Brief: Bring together copies of the lines in the data below that contain the word "CompositionType".

▶

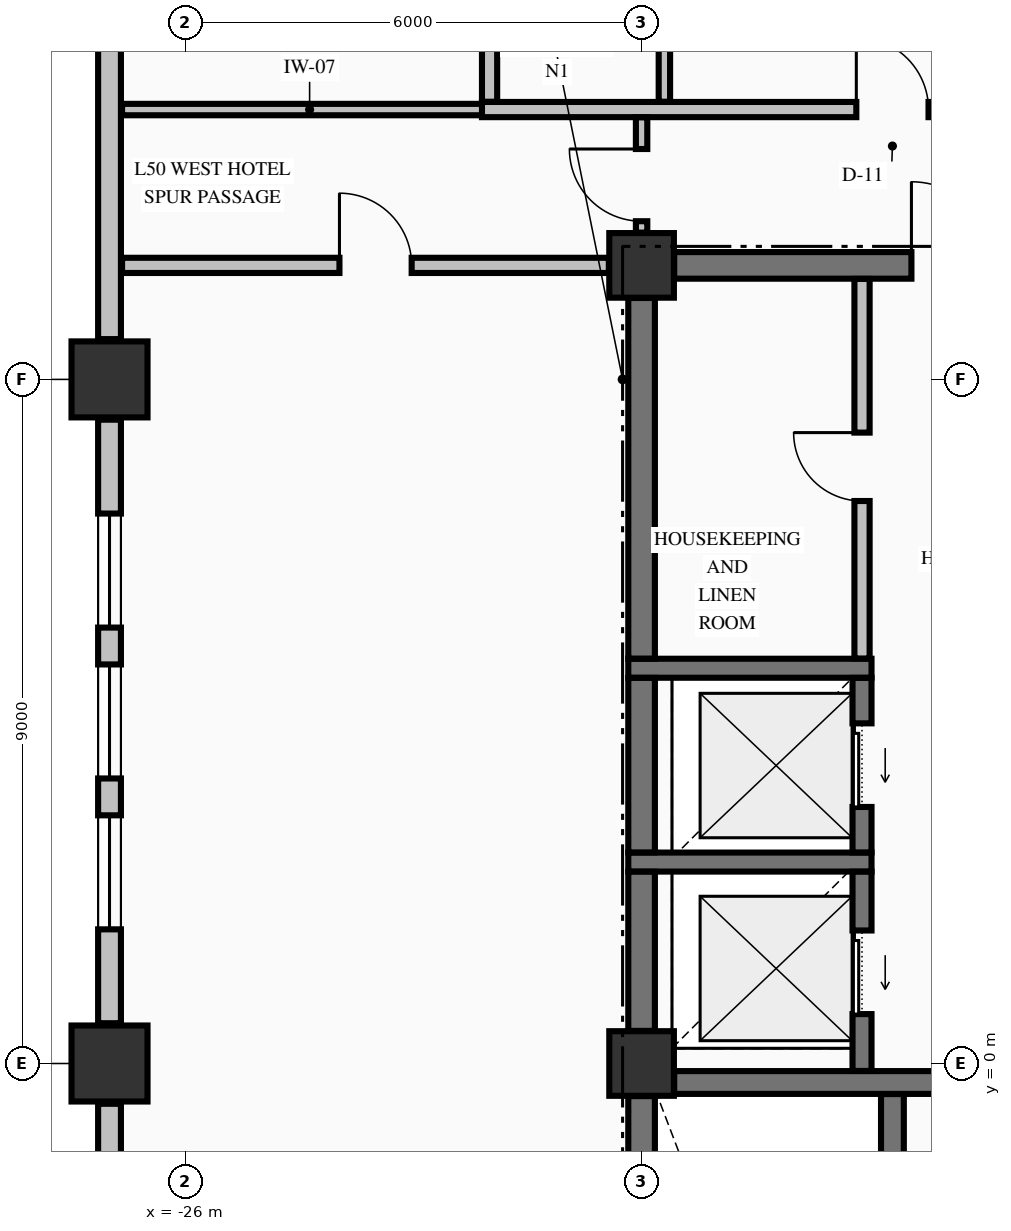
"""IFC4 building model, lengths in metres.
Left out: names, types, materials, properties, quantities, classifications, styles, units other than length and angle.
Written with IfcOpenShell. Run it as: python <this file> out.ifc"""

import sys

from ifc_helpers import new_model, si_unit, direction, frame, frame_2d, origin, origin_2d, place, context, subcontext, project, spatial, rectangle, extrude, element, fill, save


model = new_model("IFC4")
c1 = context("Model", 3, precision=1e-05, world=origin(), true_north=direction((0.0, 1.0)))
c2 = subcontext(c1, "Body", "Model", "MODEL_VIEW")
j1 = project(units=[si_unit("LENGTHUNIT", "METRE"), si_unit("PLANEANGLEUNIT", "RADIAN")], contexts=[c1])
p1 = place(None, origin())
s1 = spatial("IfcSite", under=j1, at=p1, CompositionType="ELEMENT")
p2 = place(p1, origin())
s2 = spatial("IfcBuilding", under=s1, at=p2, CompositionType="ELEMENT")
p3 = place(p2, frame((0.0, 0.0, 194.86)))
s3 = spatial("IfcBuildingStorey", under=s2, at=p3, CompositionType="ELEMENT", Elevation=194.86)
for number, where, z_axis, x_axis in (
    (1, (-27.0, 0.0, -0.275), (0.0, 0.0, 1.0), (1.0, 0.0, 0.0)),
    (2, (-27.0, 9.0, -0.275), (0.0, 0.0, 1.0), (1.0, 0.0, 0.0)),
):
    element("IfcColumn", number, at=place(p3, frame(where, z_axis=z_axis, x_axis=x_axis)), inside=s3, PredefinedType="COLUMN", context=c2, shape_type="SweptSolid", body=[
        extrude(rectangle(XDim=1.0, YDim=1.0, at=origin_2d()), origin(), (0.0, 0.0, 1.0), 3.425),
    ])
for number, where, z_axis, x_axis in (
    (3, (-20.0, 10.5, -0.275), (0.0, 0.0, 1.0), (1.0, 0.0, 0.0)),
    (4, (-20.0, 0.0, -0.275), (0.0, 0.0, 1.0), (1.0, 0.0, 0.0)),
):
    element("IfcColumn", number, at=place(p3, frame(where, z_axis=z_axis, x_axis=x_axis)), inside=s3, PredefinedType="COLUMN", context=c2, shape_type="SweptSolid", body=[
        extrude(rectangle(XDim=0.85, YDim=0.85, at=origin_2d()), origin(), (0.0, 0.0, 1.0), 3.425),
    ])
p4 = place(p3, frame((-27.0, -0.53, 0.0), z_axis=(0.0, 0.0, 1.0), x_axis=(0.0, -1.0, 0.0)))
e5 = element("IfcWall", 5, at=p4, inside=s3, PredefinedType="STANDARD", context=c2, shape_type="SweptSolid", body=[
    extrude(rectangle(XDim=7.94, YDim=0.3, at=frame_2d((3.97, 0.0))), origin(), (0.0, 0.0, 1.0), 2.542),
])
p5 = place(p4, frame((1.235, 0.0, 0.72)))
e6 = element("IfcOpeningElement", 6, at=p5, cuts=e5, PredefinedType="OPENING", context=c2, shape_type="SweptSolid", body=[
    extrude(rectangle(XDim=1.5, YDim=1.6, at=frame_2d((0.75, 0.8))), frame((0.0, 0.16, 0.0), z_axis=(0.0, -1.0, 0.0), x_axis=(1.0, 0.0, 0.0)), (0.0, 0.0, 1.0), 0.32),
])
p6 = place(p4, frame((3.22, 0.0, 0.72)))
e7 = element("IfcOpeningElement", 7, at=p6, cuts=e5, PredefinedType="OPENING", context=c2, shape_type="SweptSolid", body=[
    extrude(rectangle(XDim=1.5, YDim=1.6, at=frame_2d((0.75, 0.8))), frame((0.0, 0.16, 0.0), z_axis=(0.0, -1.0, 0.0), x_axis=(1.0, 0.0, 0.0)), (0.0, 0.0, 1.0), 0.32),
])
p7 = place(p4, frame((5.205, 0.0, 0.72)))
e8 = element("IfcOpeningElement", 8, at=p7, cuts=e5, PredefinedType="OPENING", context=c2, shape_type="SweptSolid", body=[
    extrude(rectangle(XDim=1.5, YDim=1.6, at=frame_2d((0.75, 0.8))), frame((0.0, 0.16, 0.0), z_axis=(0.0, -1.0, 0.0), x_axis=(1.0, 0.0, 0.0)), (0.0, 0.0, 1.0), 0.32),
])
p8 = place(p3, frame((-27.0, 8.47, 0.0), z_axis=(0.0, 0.0, 1.0), x_axis=(0.0, -1.0, 0.0)))
e9 = element("IfcWall", 9, at=p8, inside=s3, PredefinedType="STANDARD", context=c2, shape_type="SweptSolid", body=[
    extrude(rectangle(XDim=7.94, YDim=0.3, at=frame_2d((3.97, 0.0))), origin(), (0.0, 0.0, 1.0), 2.542),
])
p9 = place(p8, frame((1.235, 0.0, 0.72)))
e10 = element("IfcOpeningElement", 10, at=p9, cuts=e9, PredefinedType="OPENING", context=c2, shape_type="SweptSolid", body=[
    extrude(rectangle(XDim=1.5, YDim=1.6, at=frame_2d((0.75, 0.8))), frame((0.0, 0.16, 0.0), z_axis=(0.0, -1.0, 0.0), x_axis=(1.0, 0.0, 0.0)), (0.0, 0.0, 1.0), 0.32),
])
p10 = place(p8, frame((3.22, 0.0, 0.72)))
e11 = element("IfcOpeningElement", 11, at=p10, cuts=e9, PredefinedType="OPENING", context=c2, shape_type="SweptSolid", body=[
    extrude(rectangle(XDim=1.5, YDim=1.6, at=frame_2d((0.75, 0.8))), frame((0.0, 0.16, 0.0), z_axis=(0.0, -1.0, 0.0), x_axis=(1.0, 0.0, 0.0)), (0.0, 0.0, 1.0), 0.32),
])
p11 = place(p8, frame((5.205, 0.0, 0.72)))
e12 = element("IfcOpeningElement", 12, at=p11, cuts=e9, PredefinedType="OPENING", context=c2, shape_type="SweptSolid", body=[
    extrude(rectangle(XDim=1.5, YDim=1.6, at=frame_2d((0.75, 0.8))), frame((0.0, 0.16, 0.0), z_axis=(0.0, -1.0, 0.0), x_axis=(1.0, 0.0, 0.0)), (0.0, 0.0, 1.0), 0.32),
])
p12 = place(p3, frame((-27.0, 18.97, 0.0), z_axis=(0.0, 0.0, 1.0), x_axis=(0.0, -1.0, 0.0)))
e13 = element("IfcWall", 13, at=p12, inside=s3, PredefinedType="STANDARD", context=c2, shape_type="SweptSolid", body=[
    extrude(rectangle(XDim=9.44, YDim=0.3, at=frame_2d((4.72, 0.0))), origin(), (0.0, 0.0, 1.0), 2.542),
])
p13 = place(p3, frame((-19.571, -0.25, 0.0), z_axis=(0.0, 0.0, 1.0), x_axis=(1.0, 0.0, 0.0)))
e14 = element("IfcWall", 14, at=p13, inside=s3, PredefinedType="SHEAR", context=c2, shape_type="SweptSolid", body=[
    extrude(rectangle(XDim=8.142, YDim=0.3, at=frame_2d((4.071, 0.0))), origin(), (0.0, 0.0, 1.0), 3.15),
])
p14 = place(p13, frame((5.871, 0.0, 0.0)))
e15 = element("IfcOpeningElement", 15, at=p14, cuts=e14, PredefinedType="OPENING", context=c2, shape_type="SweptSolid", body=[
    extrude(rectangle(XDim=1.1, YDim=2.15, at=frame_2d((0.55, 1.075))), frame((0.0, 0.16, 0.0), z_axis=(0.0, -1.0, 0.0), x_axis=(1.0, 0.0, 0.0)), (0.0, 0.0, 1.0), 0.32),
])
for number, where, z_axis, x_axis in (
    (16, (-20.175, 2.65, 0.0), (0.0, 0.0, 1.0), (1.0, 0.0, 0.0)),
    (17, (-20.175, 5.2, 0.0), (0.0, 0.0, 1.0), (1.0, 0.0, 0.0)),
):
    element("IfcWall", number, at=place(p3, frame(where, z_axis=z_axis, x_axis=x_axis)), inside=s3, PredefinedType="SOLIDWALL", context=c2, shape_type="SweptSolid", body=[
        extrude(rectangle(XDim=3.2, YDim=0.25, at=frame_2d((1.6, 0.0))), origin(), (0.0, 0.0, 1.0), 3.15),
    ])
p15 = place(p3, frame((-19.571, 10.5, 0.0), z_axis=(0.0, 0.0, 1.0), x_axis=(1.0, 0.0, 0.0)))
e18 = element("IfcWall", 18, at=p15, inside=s3, PredefinedType="SHEAR", context=c2, shape_type="SweptSolid", body=[
    extrude(rectangle(XDim=4.871, YDim=0.35, at=frame_2d((2.436, 0.0))), origin(), (0.0, 0.0, 1.0), 3.15),
])
p16 = place(p15, frame((3.121, 0.0, 0.0)))
e19 = element("IfcOpeningElement", 19, at=p16, cuts=e18, PredefinedType="OPENING", context=c2, shape_type="SweptSolid", body=[
    extrude(rectangle(XDim=1.1, YDim=2.15, at=frame_2d((0.55, 1.075))), frame((0.0, 0.185, 0.0), z_axis=(0.0, -1.0, 0.0), x_axis=(1.0, 0.0, 0.0)), (0.0, 0.0, 1.0), 0.37),
])
p17 = place(p3, frame((-26.835, 10.5, 0.0), z_axis=(0.0, 0.0, 1.0), x_axis=(1.0, 0.0, 0.0)))
e20 = element("IfcWall", 20, at=p17, inside=s3, PredefinedType="PARTITIONING", context=c2, shape_type="SweptSolid", body=[
    extrude(rectangle(XDim=6.404, YDim=0.2, at=frame_2d((3.202, 0.0))), origin(), (0.0, 0.0, 1.0), 3.15),
])
p18 = place(p17, frame((2.86, 0.0, 0.0)))
e21 = element("IfcOpeningElement", 21, at=p18, cuts=e20, PredefinedType="OPENING", context=c2, shape_type="SweptSolid", body=[
    extrude(rectangle(XDim=0.95, YDim=2.15, at=frame_2d((0.475, 1.075))), frame((0.0, 0.11, 0.0), z_axis=(0.0, -1.0, 0.0), x_axis=(1.0, 0.0, 0.0)), (0.0, 0.0, 1.0), 0.22),
])
p19 = place(p3, frame((-26.835, 12.55, 0.0), z_axis=(0.0, 0.0, 1.0), x_axis=(1.0, 0.0, 0.0)))
e22 = element("IfcWall", 22, at=p19, inside=s3, PredefinedType="PARTITIONING", context=c2, shape_type="SweptSolid", body=[
    extrude(rectangle(XDim=4.935, YDim=0.15, at=frame_2d((2.468, 0.0))), origin(), (0.0, 0.0, 1.0), 3.15),
])
p20 = place(p3, frame((-22.1, 12.55, 0.0), z_axis=(0.0, 0.0, 1.0), x_axis=(1.0, 0.0, 0.0)))
e23 = element("IfcWall", 23, at=p20, inside=s3, PredefinedType="PARTITIONING", context=c2, shape_type="SweptSolid", body=[
    extrude(rectangle(XDim=39.2, YDim=0.2, at=frame_2d((19.6, 0.0))), origin(), (0.0, 0.0, 1.0), 3.15),
])
p21 = place(p20, frame((4.925, 0.0, 0.0)))
e24 = element("IfcOpeningElement", 24, at=p21, cuts=e23, PredefinedType="OPENING", context=c2, shape_type="SweptSolid", body=[
    extrude(rectangle(XDim=0.95, YDim=2.15, at=frame_2d((0.475, 1.075))), frame((0.0, 0.11, 0.0), z_axis=(0.0, -1.0, 0.0), x_axis=(1.0, 0.0, 0.0)), (0.0, 0.0, 1.0), 0.22),
])
p22 = place(p20, frame((12.375, 0.0, 0.0)))
e25 = element("IfcOpeningElement", 25, at=p22, cuts=e23, PredefinedType="OPENING", context=c2, shape_type="SweptSolid", body=[
    extrude(rectangle(XDim=0.95, YDim=2.15, at=frame_2d((0.475, 1.075))), frame((0.0, 0.11, 0.0), z_axis=(0.0, -1.0, 0.0), x_axis=(1.0, 0.0, 0.0)), (0.0, 0.0, 1.0), 0.22),
])
p23 = place(p20, frame((18.575, 0.0, 0.0)))
e26 = element("IfcOpeningElement", 26, at=p23, cuts=e23, PredefinedType="OPENING", context=c2, shape_type="SweptSolid", body=[
    extrude(rectangle(XDim=0.95, YDim=2.15, at=frame_2d((0.475, 1.075))), frame((0.0, 0.11, 0.0), z_axis=(0.0, -1.0, 0.0), x_axis=(1.0, 0.0, 0.0)), (0.0, 0.0, 1.0), 0.22),
])
p24 = place(p20, frame((24.475, 0.0, 0.0)))
e27 = element("IfcOpeningElement", 27, at=p24, cuts=e23, PredefinedType="OPENING", context=c2, shape_type="SweptSolid", body=[
    extrude(rectangle(XDim=0.95, YDim=2.15, at=frame_2d((0.475, 1.075))), frame((0.0, 0.11, 0.0), z_axis=(0.0, -1.0, 0.0), x_axis=(1.0, 0.0, 0.0)), (0.0, 0.0, 1.0), 0.22),
])
p25 = place(p20, frame((30.375, 0.0, 0.0)))
e28 = element("IfcOpeningElement", 28, at=p25, cuts=e23, PredefinedType="OPENING", context=c2, shape_type="SweptSolid", body=[
    extrude(rectangle(XDim=0.95, YDim=2.15, at=frame_2d((0.475, 1.075))), frame((0.0, 0.11, 0.0), z_axis=(0.0, -1.0, 0.0), x_axis=(1.0, 0.0, 0.0)), (0.0, 0.0, 1.0), 0.22),
])
p26 = place(p20, frame((36.525, 0.0, 0.0)))
e29 = element("IfcOpeningElement", 29, at=p26, cuts=e23, PredefinedType="OPENING", context=c2, shape_type="SweptSolid", body=[
    extrude(rectangle(XDim=0.95, YDim=2.15, at=frame_2d((0.475, 1.075))), frame((0.0, 0.11, 0.0), z_axis=(0.0, -1.0, 0.0), x_axis=(1.0, 0.0, 0.0)), (0.0, 0.0, 1.0), 0.22),
])
p27 = place(p3, frame((-20.0, -9.521, 0.0), z_axis=(0.0, 0.0, 1.0), x_axis=(0.0, 1.0, 0.0)))
e30 = element("IfcWall", 30, at=p27, inside=s3, PredefinedType="SHEAR", context=c2, shape_type="SweptSolid", body=[
    extrude(rectangle(XDim=9.092, YDim=0.35, at=frame_2d((4.546, 0.0))), origin(), (0.0, 0.0, 1.0), 3.15),
])
p28 = place(p3, frame((-20.0, 0.429, 0.0), z_axis=(0.0, 0.0, 1.0), x_axis=(0.0, 1.0, 0.0)))
e31 = element("IfcWall", 31, at=p28, inside=s3, PredefinedType="SHEAR", context=c2, shape_type="SweptSolid", body=[
    extrude(rectangle(XDim=2.094, YDim=0.35, at=frame_2d((1.047, 0.0))), origin(), (0.0, 0.0, 1.0), 3.15),
])
p29 = place(p3, frame((-20.0, 2.777, 0.0), z_axis=(0.0, 0.0, 1.0), x_axis=(0.0, 1.0, 0.0)))
e32 = element("IfcWall", 32, at=p29, inside=s3, PredefinedType="SHEAR", context=c2, shape_type="SweptSolid", body=[
    extrude(rectangle(XDim=2.296, YDim=0.35, at=frame_2d((1.148, 0.0))), origin(), (0.0, 0.0, 1.0), 3.15),
])
p30 = place(p3, frame((-20.0, 5.327, 0.0), z_axis=(0.0, 0.0, 1.0), x_axis=(0.0, 1.0, 0.0)))
e33 = element("IfcWall", 33, at=p30, inside=s3, PredefinedType="SHEAR", context=c2, shape_type="SweptSolid", body=[
    extrude(rectangle(XDim=4.744, YDim=0.35, at=frame_2d((2.372, 0.0))), origin(), (0.0, 0.0, 1.0), 3.15),
])
p31 = place(p3, frame((-17.1, -0.098, 0.0), z_axis=(0.0, 0.0, 1.0), x_axis=(0.0, 1.0, 0.0)))
e34 = element("IfcWall", 34, at=p31, inside=s3, PredefinedType="SOLIDWALL", context=c2, shape_type="SweptSolid", body=[
    extrude(rectangle(XDim=2.621, YDim=0.25, at=frame_2d((1.311, 0.0))), origin(), (0.0, 0.0, 1.0), 3.15),
])
p32 = place(p31, frame((0.748, 0.0, 0.0)))
e35 = element("IfcOpeningElement", 35, at=p32, cuts=e34, PredefinedType="OPENING", context=c2, shape_type="SweptSolid", body=[
    extrude(rectangle(XDim=1.1, YDim=2.2, at=frame_2d((0.55, 1.1))), frame((0.0, 0.135, 0.0), z_axis=(0.0, -1.0, 0.0), x_axis=(1.0, 0.0, 0.0)), (0.0, 0.0, 1.0), 0.27),
])
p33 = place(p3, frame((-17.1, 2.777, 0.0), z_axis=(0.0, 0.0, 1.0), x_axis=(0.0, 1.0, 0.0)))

◀

Result of the exercise:
s1 = spatial("IfcSite", under=j1, at=p1, CompositionType="ELEMENT")
s2 = spatial("IfcBuilding", under=s1, at=p2, CompositionType="ELEMENT")
s3 = spatial("IfcBuildingStorey", under=s2, at=p3, CompositionType="ELEMENT", Elevation=194.86)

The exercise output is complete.